(RECORDS)

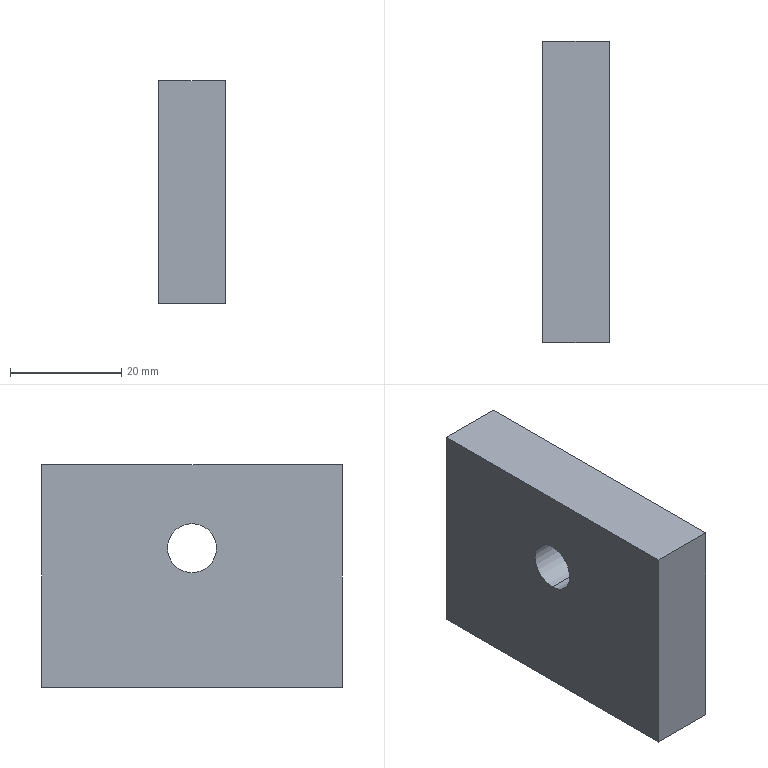Component | SolidWorks | CTM-HVS-52-OA-02-16-01-1 | 1 solid | 20 faces | box 12 x 54 x 40 mm | volume 24277 mm3 | cylinder 8 | cone 6 | plane 6 | commonest cylinder face diameters 5 x6 8.8 x2 | material Q235A
build123d program:
from build123d import *

# Parameters (mm, degrees)
SKETCH1_W               = 40
SKETCH1_H               = 54
EXTRUDE1_DEPTH          = 6
M10X1_25_TAPPED_HOLE1_D = 8.8
M6_TAPPED_HOLE1_D       = 5
M6_TAPPED_HOLE1_DEPTH   = 15
M6_TAPPED_HOLE1_TIP     = 1.502
M6_TAPPED_HOLE2_D       = 5
M6_TAPPED_HOLE2_DEPTH   = 15
M6_TAPPED_HOLE2_TIP     = 1.502


with BuildPart() as part:
    # Sketch1 → Extrude1 (new, symmetric)
    with BuildSketch(Plane.XY):
        Rectangle(SKETCH1_W, SKETCH1_H)
    extrude(amount=EXTRUDE1_DEPTH, both=True)

    # M10x1.25 Tapped Hole1 (through all)
    with Locations(Plane.XY.offset(6)):
        with Locations((5, 0)):
            Hole(M10X1_25_TAPPED_HOLE1_D / 2)

    # M6 Tapped Hole1
    with Locations(Plane.ZY.offset(20)):
        with Locations((0, 20), (0, -20)):
            Hole(M6_TAPPED_HOLE1_D / 2, depth=M6_TAPPED_HOLE1_DEPTH)
            with Locations((0, 0, -(M6_TAPPED_HOLE1_DEPTH + M6_TAPPED_HOLE1_TIP / 2))):  # 118° drill point
                Cone(0, M6_TAPPED_HOLE1_D / 2, M6_TAPPED_HOLE1_TIP, mode=Mode.SUBTRACT)

    # M6 Tapped Hole2
    with Locations(Plane(origin=(0, 27, 0), x_dir=(-1, 0, 0), z_dir=(0, 1, 0))):
        with Locations((-14, 0)):
            Hole(M6_TAPPED_HOLE2_D / 2, depth=M6_TAPPED_HOLE2_DEPTH)
            with Locations((0, 0, -(M6_TAPPED_HOLE2_DEPTH + M6_TAPPED_HOLE2_TIP / 2))):  # 118° drill point
                Cone(0, M6_TAPPED_HOLE2_D / 2, M6_TAPPED_HOLE2_TIP, mode=Mode.SUBTRACT)


solid = part.part

# Placed as in the assembly
solid = solid.moved(Location((223.693, 55.443, 25), (0, -90, 0)))
STEP:
#1=COLOUR_RGB('',0.7922,0.8196,0.9333);
#2=FILL_AREA_STYLE_COLOUR('',#1);
#3=FILL_AREA_STYLE('',(#2));
#4=SURFACE_STYLE_FILL_AREA(#3);
#5=SURFACE_SIDE_STYLE('',(#4));
#6=SURFACE_STYLE_USAGE(.BOTH.,#5);
#7=PRESENTATION_STYLE_ASSIGNMENT((#6));
#8=CARTESIAN_POINT('',(8.905,2.655,1.535));
#9=VERTEX_POINT('',#8);
#10=CARTESIAN_POINT('',(8.708,2.655,1.535));
#11=VERTEX_POINT('',#10);
#12=CARTESIAN_POINT('',(8.807,2.655,1.535));
#13=DIRECTION('',(-0.,1.,-0.));
#14=DIRECTION('',(-1.,0.,0.));
#15=AXIS2_PLACEMENT_3D('',#12,#13,#14);
#16=CIRCLE('',#15,0.09843);
#17=EDGE_CURVE('',#9,#11,#16,.T.);
#18=ORIENTED_EDGE('',*,*,#17,.F.);
#19=CARTESIAN_POINT('',(8.905,3.246,1.535));
#20=VERTEX_POINT('',#19);
#21=CARTESIAN_POINT('',(8.905,3.246,1.535));
#22=DIRECTION('',(-0.,1.,-0.));
#23=VECTOR('',#22,39.37);
#24=LINE('',#21,#23);
#25=EDGE_CURVE('',#9,#20,#24,.T.);
#26=ORIENTED_EDGE('',*,*,#25,.T.);
#27=CARTESIAN_POINT('',(8.708,3.246,1.535));
#28=VERTEX_POINT('',#27);
#29=CARTESIAN_POINT('',(8.807,3.246,1.535));
#30=DIRECTION('',(-0.,1.,-0.));
#31=DIRECTION('',(-1.,0.,0.));
#32=AXIS2_PLACEMENT_3D('',#29,#30,#31);
#33=CIRCLE('',#32,0.09843);
#34=EDGE_CURVE('',#20,#28,#33,.T.);
#35=ORIENTED_EDGE('',*,*,#34,.T.);
#36=CARTESIAN_POINT('',(8.708,3.246,1.535));
#37=DIRECTION('',(-0.,1.,-0.));
#38=VECTOR('',#37,39.37);
#39=LINE('',#36,#38);
#40=EDGE_CURVE('',#11,#28,#39,.T.);
#41=ORIENTED_EDGE('',*,*,#40,.F.);
#42=EDGE_LOOP('',(#18,#26,#35,#41));
#43=FACE_OUTER_BOUND('',#42,.T.);
#44=CARTESIAN_POINT('',(8.807,3.246,1.535));
#45=DIRECTION('',(-0.,1.,-0.));
#46=DIRECTION('',(-1.,0.,0.));
#47=AXIS2_PLACEMENT_3D('',#44,#45,#46);
#48=CYLINDRICAL_SURFACE('',#47,0.09843);
#49=ADVANCED_FACE('',(#43),#48,.F.);
#50=CARTESIAN_POINT('',(8.807,2.596,1.535));
#51=VERTEX_POINT('',#50);
#52=CARTESIAN_POINT('',(8.708,2.655,1.535));
#53=DIRECTION('',(-0.8572,0.515,-0.));
#54=VECTOR('',#53,39.37);
#55=LINE('',#52,#54);
#56=EDGE_CURVE('',#51,#11,#55,.T.);
#57=ORIENTED_EDGE('',*,*,#56,.F.);
#58=CARTESIAN_POINT('',(8.905,2.655,1.535));
#59=DIRECTION('',(0.8572,0.515,0.));
#60=VECTOR('',#59,39.37);
#61=LINE('',#58,#60);
#62=EDGE_CURVE('',#51,#9,#61,.T.);
#63=ORIENTED_EDGE('',*,*,#62,.T.);
#64=ORIENTED_EDGE('',*,*,#17,.T.);
#65=EDGE_LOOP('',(#57,#63,#64));
#66=FACE_OUTER_BOUND('',#65,.T.);
#67=CARTESIAN_POINT('',(8.807,2.655,1.535));
#68=DIRECTION('',(-0.,1.,-0.));
#69=DIRECTION('',(-1.,0.,0.));
#70=AXIS2_PLACEMENT_3D('',#67,#68,#69);
#71=CONICAL_SURFACE('',#70,0.09843,1.03);
#72=ADVANCED_FACE('',(#66),#71,.F.);
#73=CARTESIAN_POINT('',(8.905,2.97,0.7874));
#74=VERTEX_POINT('',#73);
#75=CARTESIAN_POINT('',(8.708,2.97,0.7874));
#76=VERTEX_POINT('',#75);
#77=CARTESIAN_POINT('',(8.807,2.97,0.7874));
#78=DIRECTION('',(0.,-0.,-1.));
#79=DIRECTION('',(-1.,0.,0.));
#80=AXIS2_PLACEMENT_3D('',#77,#78,#79);
#81=CIRCLE('',#80,0.09843);
#82=EDGE_CURVE('',#74,#76,#81,.T.);
#83=ORIENTED_EDGE('',*,*,#82,.F.);
#84=CARTESIAN_POINT('',(8.905,2.97,0.1969));
#85=VERTEX_POINT('',#84);
#86=CARTESIAN_POINT('',(8.905,2.97,0.1969));
#87=DIRECTION('',(0.,-0.,-1.));
#88=VECTOR('',#87,39.37);
#89=LINE('',#86,#88);
#90=EDGE_CURVE('',#74,#85,#89,.T.);
#91=ORIENTED_EDGE('',*,*,#90,.T.);
#92=CARTESIAN_POINT('',(8.708,2.97,0.1969));
#93=VERTEX_POINT('',#92);
#94=CARTESIAN_POINT('',(8.807,2.97,0.1969));
#95=DIRECTION('',(0.,-0.,-1.));
#96=DIRECTION('',(-1.,0.,0.));
#97=AXIS2_PLACEMENT_3D('',#94,#95,#96);
#98=CIRCLE('',#97,0.09843);
#99=EDGE_CURVE('',#85,#93,#98,.T.);
#100=ORIENTED_EDGE('',*,*,#99,.T.);
#101=CARTESIAN_POINT('',(8.708,2.97,0.1969));
#102=DIRECTION('',(0.,-0.,-1.));
#103=VECTOR('',#102,39.37);
#104=LINE('',#101,#103);
#105=EDGE_CURVE('',#76,#93,#104,.T.);
#106=ORIENTED_EDGE('',*,*,#105,.F.);
#107=EDGE_LOOP('',(#83,#91,#100,#106));
#108=FACE_OUTER_BOUND('',#107,.T.);
#109=CARTESIAN_POINT('',(8.807,2.97,0.1969));
#110=DIRECTION('',(0.,-0.,-1.));
#111=DIRECTION('',(-1.,0.,0.));
#112=AXIS2_PLACEMENT_3D('',#109,#110,#111);
#113=CYLINDRICAL_SURFACE('',#112,0.09843);
#114=ADVANCED_FACE('',(#108),#113,.F.);
#115=CARTESIAN_POINT('',(8.807,2.97,0.8465));
#116=VERTEX_POINT('',#115);
#117=CARTESIAN_POINT('',(8.708,2.97,0.7874));
#118=DIRECTION('',(-0.8572,-0.,-0.515));
#119=VECTOR('',#118,39.37);
#120=LINE('',#117,#119);
#121=EDGE_CURVE('',#116,#76,#120,.T.);
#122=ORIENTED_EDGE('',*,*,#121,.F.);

(End RECORDS)

YOUR ASSIGNMENT: Only one stretch of the entries above is wanted: the lines from the one containing "# Sketch1 → Extrude1 (new, symmetric)" through the one containing "#23=VECTOR('',#22,39.37);". Please reproduce it exactly.

ANSWER SECTION:
    # Sketch1 → Extrude1 (new, symmetric)
    with BuildSketch(Plane.XY):
        Rectangle(SKETCH1_W, SKETCH1_H)
    extrude(amount=EXTRUDE1_DEPTH, both=True)

    # M10x1.25 Tapped Hole1 (through all)
    with Locations(Plane.XY.offset(6)):
        with Locations((5, 0)):
            Hole(M10X1_25_TAPPED_HOLE1_D / 2)

    # M6 Tapped Hole1
    with Locations(Plane.ZY.offset(20)):
        with Locations((0, 20), (0, -20)):
            Hole(M6_TAPPED_HOLE1_D / 2, depth=M6_TAPPED_HOLE1_DEPTH)
            with Locations((0, 0, -(M6_TAPPED_HOLE1_DEPTH + M6_TAPPED_HOLE1_TIP / 2))):  # 118° drill point
                Cone(0, M6_TAPPED_HOLE1_D / 2, M6_TAPPED_HOLE1_TIP, mode=Mode.SUBTRACT)

    # M6 Tapped Hole2
    with Locations(Plane(origin=(0, 27, 0), x_dir=(-1, 0, 0), z_dir=(0, 1, 0))):
        with Locations((-14, 0)):
            Hole(M6_TAPPED_HOLE2_D / 2, depth=M6_TAPPED_HOLE2_DEPTH)
            with Locations((0, 0, -(M6_TAPPED_HOLE2_DEPTH + M6_TAPPED_HOLE2_TIP / 2))):  # 118° drill point
                Cone(0, M6_TAPPED_HOLE2_D / 2, M6_TAPPED_HOLE2_TIP, mode=Mode.SUBTRACT)


solid = part.part

# Placed as in the assembly
solid = solid.moved(Location((223.693, 55.443, 25), (0, -90, 0)))
STEP:
#1=COLOUR_RGB('',0.7922,0.8196,0.9333);
#2=FILL_AREA_STYLE_COLOUR('',#1);
#3=FILL_AREA_STYLE('',(#2));
#4=SURFACE_STYLE_FILL_AREA(#3);
#5=SURFACE_SIDE_STYLE('',(#4));
#6=SURFACE_STYLE_USAGE(.BOTH.,#5);
#7=PRESENTATION_STYLE_ASSIGNMENT((#6));
#8=CARTESIAN_POINT('',(8.905,2.655,1.535));
#9=VERTEX_POINT('',#8);
#10=CARTESIAN_POINT('',(8.708,2.655,1.535));
#11=VERTEX_POINT('',#10);
#12=CARTESIAN_POINT('',(8.807,2.655,1.535));
#13=DIRECTION('',(-0.,1.,-0.));
#14=DIRECTION('',(-1.,0.,0.));
#15=AXIS2_PLACEMENT_3D('',#12,#13,#14);
#16=CIRCLE('',#15,0.09843);
#17=EDGE_CURVE('',#9,#11,#16,.T.);
#18=ORIENTED_EDGE('',*,*,#17,.F.);
#19=CARTESIAN_POINT('',(8.905,3.246,1.535));
#20=VERTEX_POINT('',#19);
#21=CARTESIAN_POINT('',(8.905,3.246,1.535));
#22=DIRECTION('',(-0.,1.,-0.));
#23=VECTOR('',#22,39.37);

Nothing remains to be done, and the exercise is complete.